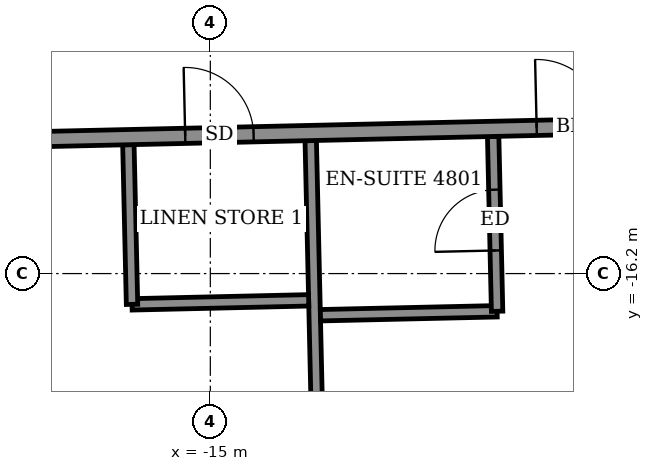
"""IFC4 building model, lengths in metres.
Left out: names, types, materials, properties, quantities, classifications, styles, units other than length and angle.
Written with IfcOpenShell. Run it as: python <this file> out.ifc"""

import sys

from ifc_helpers import new_model, si_unit, direction, frame, frame_2d, origin, place, context, subcontext, project, spatial, rectangle, extrude, element, fill, save


model = new_model("IFC4")
c1 = context("Model", 3, precision=1e-05, world=origin(), true_north=direction((0.0, 1.0)))
c2 = subcontext(c1, "Body", "Model", "MODEL_VIEW")
j1 = project(units=[si_unit("LENGTHUNIT", "METRE"), si_unit("PLANEANGLEUNIT", "RADIAN")], contexts=[c1])
p1 = place(None, origin())
s1 = spatial("IfcSite", under=j1, at=p1, CompositionType="ELEMENT")
p2 = place(p1, origin())
s2 = spatial("IfcBuilding", under=s1, at=p2, CompositionType="ELEMENT")
p3 = place(p2, frame((0.0, 0.0, 189.7)))
s3 = spatial("IfcBuildingStorey", under=s2, at=p3, CompositionType="ELEMENT", Elevation=189.7)
p4 = place(p3, frame((-13.544, -20.399, 0.0), z_axis=(0.0, 0.0, 1.0), x_axis=(-0.022692509051, 0.999742491861, 0.0)))
e1 = element("IfcWall", 1, at=p4, inside=s3, PredefinedType="PARTITIONING", context=c2, shape_type="SweptSolid", body=[
    extrude(rectangle(XDim=5.949, YDim=0.15, at=frame_2d((2.975, 0.0))), origin(), (0.0, 0.0, 1.0), 2.55),
])
p5 = place(p3, frame((-13.551, -16.748, 0.0), z_axis=(0.0, 0.0, 1.0), x_axis=(0.999749744571, 0.022370700241, 0.0)))
e2 = element("IfcWall", 2, at=p5, inside=s3, PredefinedType="PARTITIONING", context=c2, shape_type="SweptSolid", body=[
    extrude(rectangle(XDim=2.324, YDim=0.15, at=frame_2d((1.162, 0.0))), origin(), (0.0, 0.0, 1.0), 3.05),
])
p6 = place(p3, frame((-11.227, -16.696, 0.0), z_axis=(0.0, 0.0, 1.0), x_axis=(-0.022603288534, 0.999744513037, 0.0)))
e3 = element("IfcWall", 3, at=p6, inside=s3, PredefinedType="PARTITIONING", context=c2, shape_type="SweptSolid", body=[
    extrude(rectangle(XDim=2.301, YDim=0.15, at=frame_2d((1.15, 0.0))), origin(), (0.0, 0.0, 1.0), 3.05),
])
p7 = place(p6, frame((0.8, 0.0, 0.0)))
e4 = element("IfcOpeningElement", 4, at=p7, cuts=e3, PredefinedType="OPENING", context=c2, shape_type="SweptSolid", body=[
    extrude(rectangle(XDim=0.8, YDim=2.1, at=frame_2d((0.4, 1.05))), frame((0.0, 0.085, 0.0), z_axis=(0.0, -1.0, 0.0), x_axis=(1.0, 0.0, 0.0)), (0.0, 0.0, 1.0), 0.17),
])
p8 = place(p3, frame((-16.03, -16.605, 0.0), z_axis=(0.0, 0.0, 1.0), x_axis=(0.999740260747, 0.02279059109, 0.0)))
e5 = element("IfcWall", 5, at=p8, inside=s3, PredefinedType="PARTITIONING", context=c2, shape_type="SweptSolid", body=[
    extrude(rectangle(XDim=2.324, YDim=0.15, at=frame_2d((1.162, 0.0))), origin(), (0.0, 0.0, 1.0), 3.05),
])
p9 = place(p3, frame((-16.03, -16.605, 0.0), z_axis=(0.0, 0.0, 1.0), x_axis=(-0.022779486249, 0.999740513837, 0.0)))
e6 = element("IfcWall", 6, at=p9, inside=s3, PredefinedType="PARTITIONING", context=c2, shape_type="SweptSolid", body=[
    extrude(rectangle(XDim=2.101, YDim=0.15, at=frame_2d((1.05, 0.0))), origin(), (0.0, 0.0, 1.0), 3.05),
])
p10 = place(p3, frame((-21.279, -14.523, 0.0), z_axis=(0.0, 0.0, 1.0), x_axis=(0.999742878501, 0.022675468818, 0.0)))
e7 = element("IfcWall", 7, at=p10, inside=s3, PredefinedType="PARTITIONING", context=c2, shape_type="SweptSolid", body=[
    extrude(rectangle(XDim=46.48, YDim=0.2, at=frame_2d((23.24, 0.0))), origin(), (0.0, 0.0, 1.0), 3.05),
])
p11 = place(p10, frame((1.4, 0.0, 0.0)))
e8 = element("IfcOpeningElement", 8, at=p11, cuts=e7, PredefinedType="OPENING", context=c2, shape_type="SweptSolid", body=[
    extrude(rectangle(XDim=1.0, YDim=2.1, at=frame_2d((0.5, 1.05))), frame((0.0, 0.11, 0.0), z_axis=(0.0, -1.0, 0.0), x_axis=(1.0, 0.0, 0.0)), (0.0, 0.0, 1.0), 0.22),
])
p12 = place(p10, frame((5.95, 0.0, 0.0)))
e9 = element("IfcOpeningElement", 9, at=p12, cuts=e7, PredefinedType="OPENING", context=c2, shape_type="SweptSolid", body=[
    extrude(rectangle(XDim=0.9, YDim=2.1, at=frame_2d((0.45, 1.05))), frame((0.0, 0.11, 0.0), z_axis=(0.0, -1.0, 0.0), x_axis=(1.0, 0.0, 0.0)), (0.0, 0.0, 1.0), 0.22),
])
p13 = place(p10, frame((10.575, 0.0, 0.0)))
e10 = element("IfcOpeningElement", 10, at=p13, cuts=e7, PredefinedType="OPENING", context=c2, shape_type="SweptSolid", body=[
    extrude(rectangle(XDim=0.9, YDim=2.1, at=frame_2d((0.45, 1.05))), frame((0.0, 0.11, 0.0), z_axis=(0.0, -1.0, 0.0), x_axis=(1.0, 0.0, 0.0)), (0.0, 0.0, 1.0), 0.22),
])
p14 = place(p10, frame((12.625, 0.0, 0.0)))
e11 = element("IfcOpeningElement", 11, at=p14, cuts=e7, PredefinedType="OPENING", context=c2, shape_type="SweptSolid", body=[
    extrude(rectangle(XDim=0.9, YDim=2.1, at=frame_2d((0.45, 1.05))), frame((0.0, 0.11, 0.0), z_axis=(0.0, -1.0, 0.0), x_axis=(1.0, 0.0, 0.0)), (0.0, 0.0, 1.0), 0.22),
])
p15 = place(p10, frame((19.4, 0.0, 0.0)))
e12 = element("IfcOpeningElement", 12, at=p15, cuts=e7, PredefinedType="OPENING", context=c2, shape_type="SweptSolid", body=[
    extrude(rectangle(XDim=0.9, YDim=2.1, at=frame_2d((0.45, 1.05))), frame((0.0, 0.11, 0.0), z_axis=(0.0, -1.0, 0.0), x_axis=(1.0, 0.0, 0.0)), (0.0, 0.0, 1.0), 0.22),
])
p16 = place(p10, frame((21.375, 0.0, 0.0)))
e13 = element("IfcOpeningElement", 13, at=p16, cuts=e7, PredefinedType="OPENING", context=c2, shape_type="SweptSolid", body=[
    extrude(rectangle(XDim=0.9, YDim=2.1, at=frame_2d((0.45, 1.05))), frame((0.0, 0.11, 0.0), z_axis=(0.0, -1.0, 0.0), x_axis=(1.0, 0.0, 0.0)), (0.0, 0.0, 1.0), 0.22),
])
p17 = place(p10, frame((28.15, 0.0, 0.0)))
e14 = element("IfcOpeningElement", 14, at=p17, cuts=e7, PredefinedType="OPENING", context=c2, shape_type="SweptSolid", body=[
    extrude(rectangle(XDim=0.9, YDim=2.1, at=frame_2d((0.45, 1.05))), frame((0.0, 0.11, 0.0), z_axis=(0.0, -1.0, 0.0), x_axis=(1.0, 0.0, 0.0)), (0.0, 0.0, 1.0), 0.22),
])
p18 = place(p10, frame((30.1, 0.0, 0.0)))
e15 = element("IfcOpeningElement", 15, at=p18, cuts=e7, PredefinedType="OPENING", context=c2, shape_type="SweptSolid", body=[
    extrude(rectangle(XDim=0.9, YDim=2.1, at=frame_2d((0.45, 1.05))), frame((0.0, 0.11, 0.0), z_axis=(0.0, -1.0, 0.0), x_axis=(1.0, 0.0, 0.0)), (0.0, 0.0, 1.0), 0.22),
])
p19 = place(p10, frame((36.875, 0.0, 0.0)))
e16 = element("IfcOpeningElement", 16, at=p19, cuts=e7, PredefinedType="OPENING", context=c2, shape_type="SweptSolid", body=[
    extrude(rectangle(XDim=0.9, YDim=2.1, at=frame_2d((0.45, 1.05))), frame((0.0, 0.11, 0.0), z_axis=(0.0, -1.0, 0.0), x_axis=(1.0, 0.0, 0.0)), (0.0, 0.0, 1.0), 0.22),
])
p20 = place(p10, frame((43.89, 0.0, 0.0)))
e17 = element("IfcOpeningElement", 17, at=p20, cuts=e7, PredefinedType="OPENING", context=c2, shape_type="SweptSolid", body=[
    extrude(rectangle(XDim=1.0, YDim=2.1, at=frame_2d((0.5, 1.05))), frame((0.0, 0.11, 0.0), z_axis=(0.0, -1.0, 0.0), x_axis=(1.0, 0.0, 0.0)), (0.0, 0.0, 1.0), 0.22),
])
p21 = place(p10, frame((39.05, 0.0, 0.0)))
e18 = element("IfcOpeningElement", 18, at=p21, cuts=e7, PredefinedType="OPENING", context=c2, shape_type="SweptSolid", body=[
    extrude(rectangle(XDim=0.9, YDim=2.1, at=frame_2d((0.45, 1.05))), frame((0.0, 0.11, 0.0), z_axis=(0.0, -1.0, 0.0), x_axis=(1.0, 0.0, 0.0)), (0.0, 0.0, 1.0), 0.22),
])
p22 = place(p12, origin())
e19 = element("IfcDoor", 19, at=p22, inside=s3, OperationType="SINGLE_SWING_LEFT", PredefinedType="DOOR", context=c2, shape_type="SweptSolid", body=[
    extrude(rectangle(XDim=0.9, YDim=2.1, at=frame_2d((0.45, 1.05))), frame((0.0, 0.025, 0.0), z_axis=(0.0, -1.0, 0.0), x_axis=(1.0, 0.0, 0.0)), (0.0, 0.0, 1.0), 0.05),
])
fill(e9, e19)
p23 = place(p13, origin())
e20 = element("IfcDoor", 20, at=p23, inside=s3, OperationType="SINGLE_SWING_LEFT", PredefinedType="DOOR", context=c2, shape_type="SweptSolid", body=[
    extrude(rectangle(XDim=0.9, YDim=2.1, at=frame_2d((0.45, 1.05))), frame((0.0, 0.025, 0.0), z_axis=(0.0, -1.0, 0.0), x_axis=(1.0, 0.0, 0.0)), (0.0, 0.0, 1.0), 0.05),
])
fill(e10, e20)
p24 = place(p7, origin())
e21 = element("IfcDoor", 21, at=p24, inside=s3, OperationType="SINGLE_SWING_LEFT", PredefinedType="DOOR", context=c2, shape_type="SweptSolid", body=[
    extrude(rectangle(XDim=0.8, YDim=2.1, at=frame_2d((0.4, 1.05))), frame((0.0, 0.025, 0.0), z_axis=(0.0, -1.0, 0.0), x_axis=(1.0, 0.0, 0.0)), (0.0, 0.0, 1.0), 0.05),
])
fill(e4, e21)
save(model, sys.argv[1])

================

Work instructions - Wherever "under" occurs in the entries above, copy the line it sits on.

Your response -
s1 = spatial("IfcSite", under=j1, at=p1, CompositionType="ELEMENT")
s2 = spatial("IfcBuilding", under=s1, at=p2, CompositionType="ELEMENT")
s3 = spatial("IfcBuildingStorey", under=s2, at=p3, CompositionType="ELEMENT", Elevation=189.7)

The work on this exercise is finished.